**Exercise brief:** Go line by line through the entries and show those that hold the string "SUBTRACT".
════
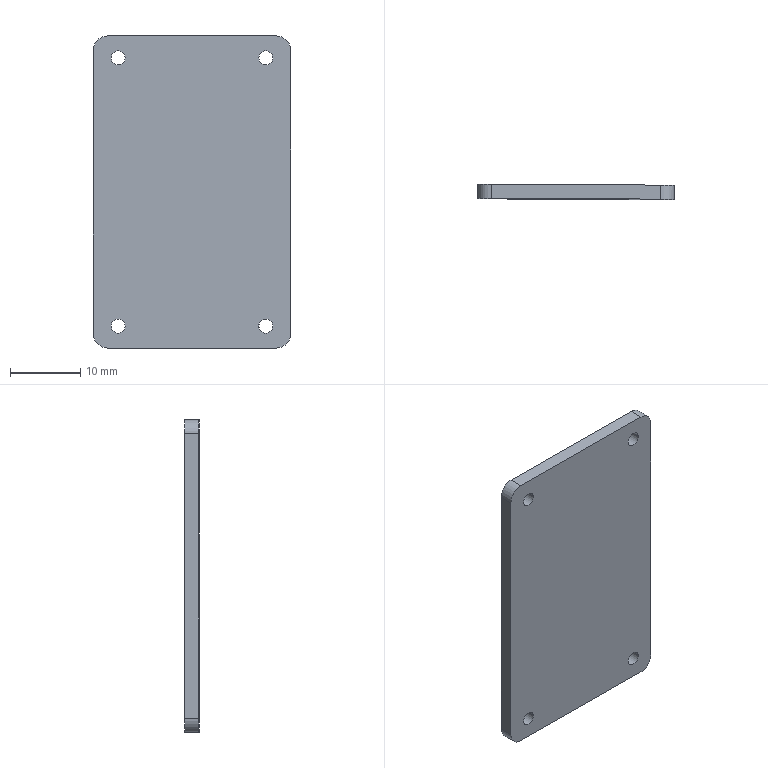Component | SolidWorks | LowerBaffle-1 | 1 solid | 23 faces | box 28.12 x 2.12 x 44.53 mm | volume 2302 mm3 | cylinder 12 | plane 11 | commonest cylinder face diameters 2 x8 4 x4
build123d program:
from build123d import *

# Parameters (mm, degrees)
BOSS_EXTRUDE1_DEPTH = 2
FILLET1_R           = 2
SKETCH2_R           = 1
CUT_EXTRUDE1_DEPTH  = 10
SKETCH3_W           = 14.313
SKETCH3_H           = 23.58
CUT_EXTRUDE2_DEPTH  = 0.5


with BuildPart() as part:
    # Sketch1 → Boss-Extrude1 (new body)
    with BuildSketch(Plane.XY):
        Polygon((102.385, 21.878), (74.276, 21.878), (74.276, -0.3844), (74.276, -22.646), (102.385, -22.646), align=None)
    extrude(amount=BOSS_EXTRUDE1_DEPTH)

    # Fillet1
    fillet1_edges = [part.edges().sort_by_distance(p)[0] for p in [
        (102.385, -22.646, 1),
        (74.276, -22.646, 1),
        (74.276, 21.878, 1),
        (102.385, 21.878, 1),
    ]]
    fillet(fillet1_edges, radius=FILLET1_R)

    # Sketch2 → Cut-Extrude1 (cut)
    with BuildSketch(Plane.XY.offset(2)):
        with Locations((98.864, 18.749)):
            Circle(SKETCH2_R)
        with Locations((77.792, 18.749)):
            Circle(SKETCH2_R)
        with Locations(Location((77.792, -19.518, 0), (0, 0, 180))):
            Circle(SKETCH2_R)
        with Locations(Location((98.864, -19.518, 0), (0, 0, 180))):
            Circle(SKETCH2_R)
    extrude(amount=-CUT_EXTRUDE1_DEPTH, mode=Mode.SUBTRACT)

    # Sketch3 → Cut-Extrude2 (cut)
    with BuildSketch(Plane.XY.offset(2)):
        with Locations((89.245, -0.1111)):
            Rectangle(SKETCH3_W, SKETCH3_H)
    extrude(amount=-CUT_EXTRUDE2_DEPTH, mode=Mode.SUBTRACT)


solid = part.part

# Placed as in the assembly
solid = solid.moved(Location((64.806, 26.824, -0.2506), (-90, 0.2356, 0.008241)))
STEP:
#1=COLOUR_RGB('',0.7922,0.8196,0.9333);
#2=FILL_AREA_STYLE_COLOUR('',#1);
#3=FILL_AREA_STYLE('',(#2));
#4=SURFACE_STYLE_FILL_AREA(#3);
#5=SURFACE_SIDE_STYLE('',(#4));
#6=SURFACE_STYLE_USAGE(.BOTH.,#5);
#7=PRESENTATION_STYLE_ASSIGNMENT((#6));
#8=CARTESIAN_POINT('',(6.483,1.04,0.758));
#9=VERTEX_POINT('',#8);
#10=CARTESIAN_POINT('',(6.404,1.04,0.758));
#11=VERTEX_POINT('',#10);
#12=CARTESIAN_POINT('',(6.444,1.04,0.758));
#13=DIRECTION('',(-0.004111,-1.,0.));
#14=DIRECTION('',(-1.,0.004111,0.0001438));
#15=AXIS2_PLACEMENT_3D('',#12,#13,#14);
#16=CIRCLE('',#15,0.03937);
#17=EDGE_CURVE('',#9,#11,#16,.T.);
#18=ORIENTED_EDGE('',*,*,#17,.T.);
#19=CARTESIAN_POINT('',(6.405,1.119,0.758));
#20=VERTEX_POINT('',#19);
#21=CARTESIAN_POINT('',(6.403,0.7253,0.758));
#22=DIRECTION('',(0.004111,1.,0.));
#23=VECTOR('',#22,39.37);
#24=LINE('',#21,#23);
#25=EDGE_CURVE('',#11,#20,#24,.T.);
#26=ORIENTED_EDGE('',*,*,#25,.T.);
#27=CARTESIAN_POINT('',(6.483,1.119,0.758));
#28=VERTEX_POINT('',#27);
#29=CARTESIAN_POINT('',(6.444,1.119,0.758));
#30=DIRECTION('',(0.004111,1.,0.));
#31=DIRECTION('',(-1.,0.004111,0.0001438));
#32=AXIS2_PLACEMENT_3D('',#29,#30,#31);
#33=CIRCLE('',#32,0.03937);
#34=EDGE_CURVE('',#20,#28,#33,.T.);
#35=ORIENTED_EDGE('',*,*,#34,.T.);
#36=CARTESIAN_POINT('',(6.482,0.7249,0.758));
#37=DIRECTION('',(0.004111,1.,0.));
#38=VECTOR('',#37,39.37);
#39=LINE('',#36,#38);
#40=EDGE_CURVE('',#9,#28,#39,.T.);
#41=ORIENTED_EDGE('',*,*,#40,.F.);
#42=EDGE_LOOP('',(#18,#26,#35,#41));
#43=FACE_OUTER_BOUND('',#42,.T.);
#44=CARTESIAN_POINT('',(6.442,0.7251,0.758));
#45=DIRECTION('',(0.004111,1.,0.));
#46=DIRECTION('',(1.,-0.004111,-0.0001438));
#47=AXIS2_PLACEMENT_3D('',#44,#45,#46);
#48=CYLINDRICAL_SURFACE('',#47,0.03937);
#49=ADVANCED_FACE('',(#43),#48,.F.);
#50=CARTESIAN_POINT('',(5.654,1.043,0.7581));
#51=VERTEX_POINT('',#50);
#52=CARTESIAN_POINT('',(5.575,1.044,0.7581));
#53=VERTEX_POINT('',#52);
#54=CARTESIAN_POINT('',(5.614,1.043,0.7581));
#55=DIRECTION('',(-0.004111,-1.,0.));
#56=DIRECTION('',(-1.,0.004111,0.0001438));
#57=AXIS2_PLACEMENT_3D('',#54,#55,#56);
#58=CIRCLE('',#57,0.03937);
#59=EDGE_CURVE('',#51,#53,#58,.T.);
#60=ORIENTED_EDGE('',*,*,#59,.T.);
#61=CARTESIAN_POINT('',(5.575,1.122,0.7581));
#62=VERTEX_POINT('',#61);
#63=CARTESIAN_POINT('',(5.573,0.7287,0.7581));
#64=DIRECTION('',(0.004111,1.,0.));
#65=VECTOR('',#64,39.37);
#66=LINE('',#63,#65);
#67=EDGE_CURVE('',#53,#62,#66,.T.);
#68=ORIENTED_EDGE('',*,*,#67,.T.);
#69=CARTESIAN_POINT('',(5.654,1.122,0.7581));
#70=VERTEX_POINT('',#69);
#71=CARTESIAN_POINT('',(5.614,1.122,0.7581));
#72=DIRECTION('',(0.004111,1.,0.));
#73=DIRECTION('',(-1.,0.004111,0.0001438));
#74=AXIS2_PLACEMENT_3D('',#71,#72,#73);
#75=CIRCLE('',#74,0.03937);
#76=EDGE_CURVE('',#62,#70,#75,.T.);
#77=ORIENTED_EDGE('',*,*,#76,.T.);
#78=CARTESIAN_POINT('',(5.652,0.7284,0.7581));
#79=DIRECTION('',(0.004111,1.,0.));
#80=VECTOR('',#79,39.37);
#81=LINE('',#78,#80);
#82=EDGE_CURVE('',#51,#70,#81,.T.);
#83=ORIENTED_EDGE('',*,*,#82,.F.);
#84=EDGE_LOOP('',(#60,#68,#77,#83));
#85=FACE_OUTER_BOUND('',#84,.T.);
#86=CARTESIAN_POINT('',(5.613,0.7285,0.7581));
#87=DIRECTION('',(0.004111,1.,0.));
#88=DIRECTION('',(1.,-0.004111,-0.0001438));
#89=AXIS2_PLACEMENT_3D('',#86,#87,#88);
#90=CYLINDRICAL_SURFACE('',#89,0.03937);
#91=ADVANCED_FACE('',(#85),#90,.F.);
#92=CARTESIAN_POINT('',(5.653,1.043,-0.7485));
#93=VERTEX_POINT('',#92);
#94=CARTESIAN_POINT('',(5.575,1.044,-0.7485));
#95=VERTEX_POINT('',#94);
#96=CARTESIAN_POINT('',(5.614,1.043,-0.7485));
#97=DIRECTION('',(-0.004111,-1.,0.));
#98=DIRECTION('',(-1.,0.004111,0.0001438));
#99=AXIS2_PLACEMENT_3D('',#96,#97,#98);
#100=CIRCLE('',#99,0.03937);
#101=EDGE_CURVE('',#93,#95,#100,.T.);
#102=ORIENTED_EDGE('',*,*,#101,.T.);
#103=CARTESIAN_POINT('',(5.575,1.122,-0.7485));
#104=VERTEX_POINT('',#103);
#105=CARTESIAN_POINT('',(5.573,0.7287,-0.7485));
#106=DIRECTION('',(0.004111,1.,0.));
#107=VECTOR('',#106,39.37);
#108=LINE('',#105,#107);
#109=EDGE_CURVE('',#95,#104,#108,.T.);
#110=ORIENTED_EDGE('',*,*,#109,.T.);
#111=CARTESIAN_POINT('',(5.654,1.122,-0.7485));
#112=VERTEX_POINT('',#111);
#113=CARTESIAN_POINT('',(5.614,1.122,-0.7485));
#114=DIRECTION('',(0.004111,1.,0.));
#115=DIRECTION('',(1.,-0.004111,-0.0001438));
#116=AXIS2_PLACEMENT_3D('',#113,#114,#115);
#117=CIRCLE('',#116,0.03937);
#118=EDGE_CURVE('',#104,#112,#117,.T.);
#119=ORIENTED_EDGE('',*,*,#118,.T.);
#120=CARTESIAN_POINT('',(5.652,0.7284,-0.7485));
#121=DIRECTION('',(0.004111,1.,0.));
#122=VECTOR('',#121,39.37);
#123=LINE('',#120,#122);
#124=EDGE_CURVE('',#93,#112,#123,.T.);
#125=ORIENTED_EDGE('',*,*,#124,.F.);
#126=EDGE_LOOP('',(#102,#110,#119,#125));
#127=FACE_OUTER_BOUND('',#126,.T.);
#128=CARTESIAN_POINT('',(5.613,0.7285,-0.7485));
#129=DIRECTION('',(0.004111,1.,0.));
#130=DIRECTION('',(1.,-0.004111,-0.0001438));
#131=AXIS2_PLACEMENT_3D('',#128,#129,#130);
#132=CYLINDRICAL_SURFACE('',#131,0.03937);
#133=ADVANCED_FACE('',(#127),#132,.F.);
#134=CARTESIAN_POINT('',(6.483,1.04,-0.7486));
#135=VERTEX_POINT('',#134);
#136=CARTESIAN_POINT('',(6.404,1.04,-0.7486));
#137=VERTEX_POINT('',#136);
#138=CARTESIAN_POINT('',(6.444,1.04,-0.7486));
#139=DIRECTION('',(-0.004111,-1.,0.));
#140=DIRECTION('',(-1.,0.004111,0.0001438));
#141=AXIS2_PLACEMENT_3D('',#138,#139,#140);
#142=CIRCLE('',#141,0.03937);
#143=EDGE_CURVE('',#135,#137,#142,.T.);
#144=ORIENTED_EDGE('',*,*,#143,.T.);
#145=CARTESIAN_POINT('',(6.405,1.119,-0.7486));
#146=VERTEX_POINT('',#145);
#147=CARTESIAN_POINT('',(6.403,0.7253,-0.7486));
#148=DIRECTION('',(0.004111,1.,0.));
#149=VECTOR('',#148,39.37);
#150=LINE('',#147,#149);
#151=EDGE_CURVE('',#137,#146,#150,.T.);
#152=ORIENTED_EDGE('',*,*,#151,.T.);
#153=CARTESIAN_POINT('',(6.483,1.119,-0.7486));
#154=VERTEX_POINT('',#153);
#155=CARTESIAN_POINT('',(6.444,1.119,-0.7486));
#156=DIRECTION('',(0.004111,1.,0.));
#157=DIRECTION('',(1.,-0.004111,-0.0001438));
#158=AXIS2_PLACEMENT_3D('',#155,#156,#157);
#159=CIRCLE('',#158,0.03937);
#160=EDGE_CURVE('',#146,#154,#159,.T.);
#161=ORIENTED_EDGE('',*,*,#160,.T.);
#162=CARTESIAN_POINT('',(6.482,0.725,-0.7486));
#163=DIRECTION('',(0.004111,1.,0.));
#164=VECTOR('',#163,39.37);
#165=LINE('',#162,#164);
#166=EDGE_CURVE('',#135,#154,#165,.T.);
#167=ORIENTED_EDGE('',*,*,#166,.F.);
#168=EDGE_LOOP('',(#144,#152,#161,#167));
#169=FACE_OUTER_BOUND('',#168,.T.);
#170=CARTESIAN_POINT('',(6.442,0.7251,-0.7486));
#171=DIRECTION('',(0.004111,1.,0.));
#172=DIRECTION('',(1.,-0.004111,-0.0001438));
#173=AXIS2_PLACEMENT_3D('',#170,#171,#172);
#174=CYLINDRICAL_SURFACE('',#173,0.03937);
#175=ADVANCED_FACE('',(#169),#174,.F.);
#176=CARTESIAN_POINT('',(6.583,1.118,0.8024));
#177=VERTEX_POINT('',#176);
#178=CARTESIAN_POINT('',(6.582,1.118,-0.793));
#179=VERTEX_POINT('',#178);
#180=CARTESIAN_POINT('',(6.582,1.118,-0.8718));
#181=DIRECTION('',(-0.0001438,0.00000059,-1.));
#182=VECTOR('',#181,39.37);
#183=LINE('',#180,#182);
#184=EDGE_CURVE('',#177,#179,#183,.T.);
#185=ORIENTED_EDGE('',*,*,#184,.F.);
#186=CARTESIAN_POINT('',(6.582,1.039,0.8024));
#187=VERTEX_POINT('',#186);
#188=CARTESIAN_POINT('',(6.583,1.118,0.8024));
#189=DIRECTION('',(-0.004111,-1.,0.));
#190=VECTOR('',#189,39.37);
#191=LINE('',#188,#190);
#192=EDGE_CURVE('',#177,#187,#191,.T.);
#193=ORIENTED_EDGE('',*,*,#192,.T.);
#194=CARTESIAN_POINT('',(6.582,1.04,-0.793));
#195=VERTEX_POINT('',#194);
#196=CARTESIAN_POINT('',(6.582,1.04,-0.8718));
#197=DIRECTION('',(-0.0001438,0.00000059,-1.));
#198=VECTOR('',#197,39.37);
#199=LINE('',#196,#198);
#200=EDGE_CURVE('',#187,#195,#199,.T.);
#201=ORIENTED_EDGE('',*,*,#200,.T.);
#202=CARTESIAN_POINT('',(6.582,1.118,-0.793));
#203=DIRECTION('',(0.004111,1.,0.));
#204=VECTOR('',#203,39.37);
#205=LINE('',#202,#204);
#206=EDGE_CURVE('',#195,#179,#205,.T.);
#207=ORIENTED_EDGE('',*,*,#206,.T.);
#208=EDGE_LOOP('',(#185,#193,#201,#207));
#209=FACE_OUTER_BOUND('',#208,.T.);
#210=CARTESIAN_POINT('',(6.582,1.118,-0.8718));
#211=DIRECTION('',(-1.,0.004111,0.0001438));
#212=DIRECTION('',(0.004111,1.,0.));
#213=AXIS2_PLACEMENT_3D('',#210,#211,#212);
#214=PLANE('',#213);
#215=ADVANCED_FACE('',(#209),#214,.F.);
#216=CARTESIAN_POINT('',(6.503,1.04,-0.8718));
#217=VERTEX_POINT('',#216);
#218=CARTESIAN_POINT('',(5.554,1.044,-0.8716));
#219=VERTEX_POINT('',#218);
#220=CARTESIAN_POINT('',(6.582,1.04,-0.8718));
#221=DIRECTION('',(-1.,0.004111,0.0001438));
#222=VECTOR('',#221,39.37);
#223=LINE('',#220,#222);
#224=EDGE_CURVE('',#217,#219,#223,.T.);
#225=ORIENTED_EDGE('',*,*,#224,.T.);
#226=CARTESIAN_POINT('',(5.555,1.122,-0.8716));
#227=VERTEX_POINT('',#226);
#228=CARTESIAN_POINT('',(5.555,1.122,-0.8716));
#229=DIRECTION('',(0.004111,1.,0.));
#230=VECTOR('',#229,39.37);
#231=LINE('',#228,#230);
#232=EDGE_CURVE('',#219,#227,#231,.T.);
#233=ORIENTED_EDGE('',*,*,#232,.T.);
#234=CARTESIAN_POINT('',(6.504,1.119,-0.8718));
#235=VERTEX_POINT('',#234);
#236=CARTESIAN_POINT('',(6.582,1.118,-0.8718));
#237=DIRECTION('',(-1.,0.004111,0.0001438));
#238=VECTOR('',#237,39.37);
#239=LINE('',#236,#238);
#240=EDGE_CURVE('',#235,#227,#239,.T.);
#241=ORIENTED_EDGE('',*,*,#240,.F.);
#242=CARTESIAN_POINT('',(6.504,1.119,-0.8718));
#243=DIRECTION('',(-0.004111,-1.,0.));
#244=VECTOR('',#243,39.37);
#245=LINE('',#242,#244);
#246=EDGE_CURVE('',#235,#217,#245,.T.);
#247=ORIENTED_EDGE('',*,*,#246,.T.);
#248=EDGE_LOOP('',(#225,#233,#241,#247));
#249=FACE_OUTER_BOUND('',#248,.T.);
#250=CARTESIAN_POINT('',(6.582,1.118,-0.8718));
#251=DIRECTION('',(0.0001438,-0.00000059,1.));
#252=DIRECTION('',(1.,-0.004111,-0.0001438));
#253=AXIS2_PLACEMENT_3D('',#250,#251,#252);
════
**Solution to this task:**
    extrude(amount=-CUT_EXTRUDE1_DEPTH, mode=Mode.SUBTRACT)
    extrude(amount=-CUT_EXTRUDE2_DEPTH, mode=Mode.SUBTRACT)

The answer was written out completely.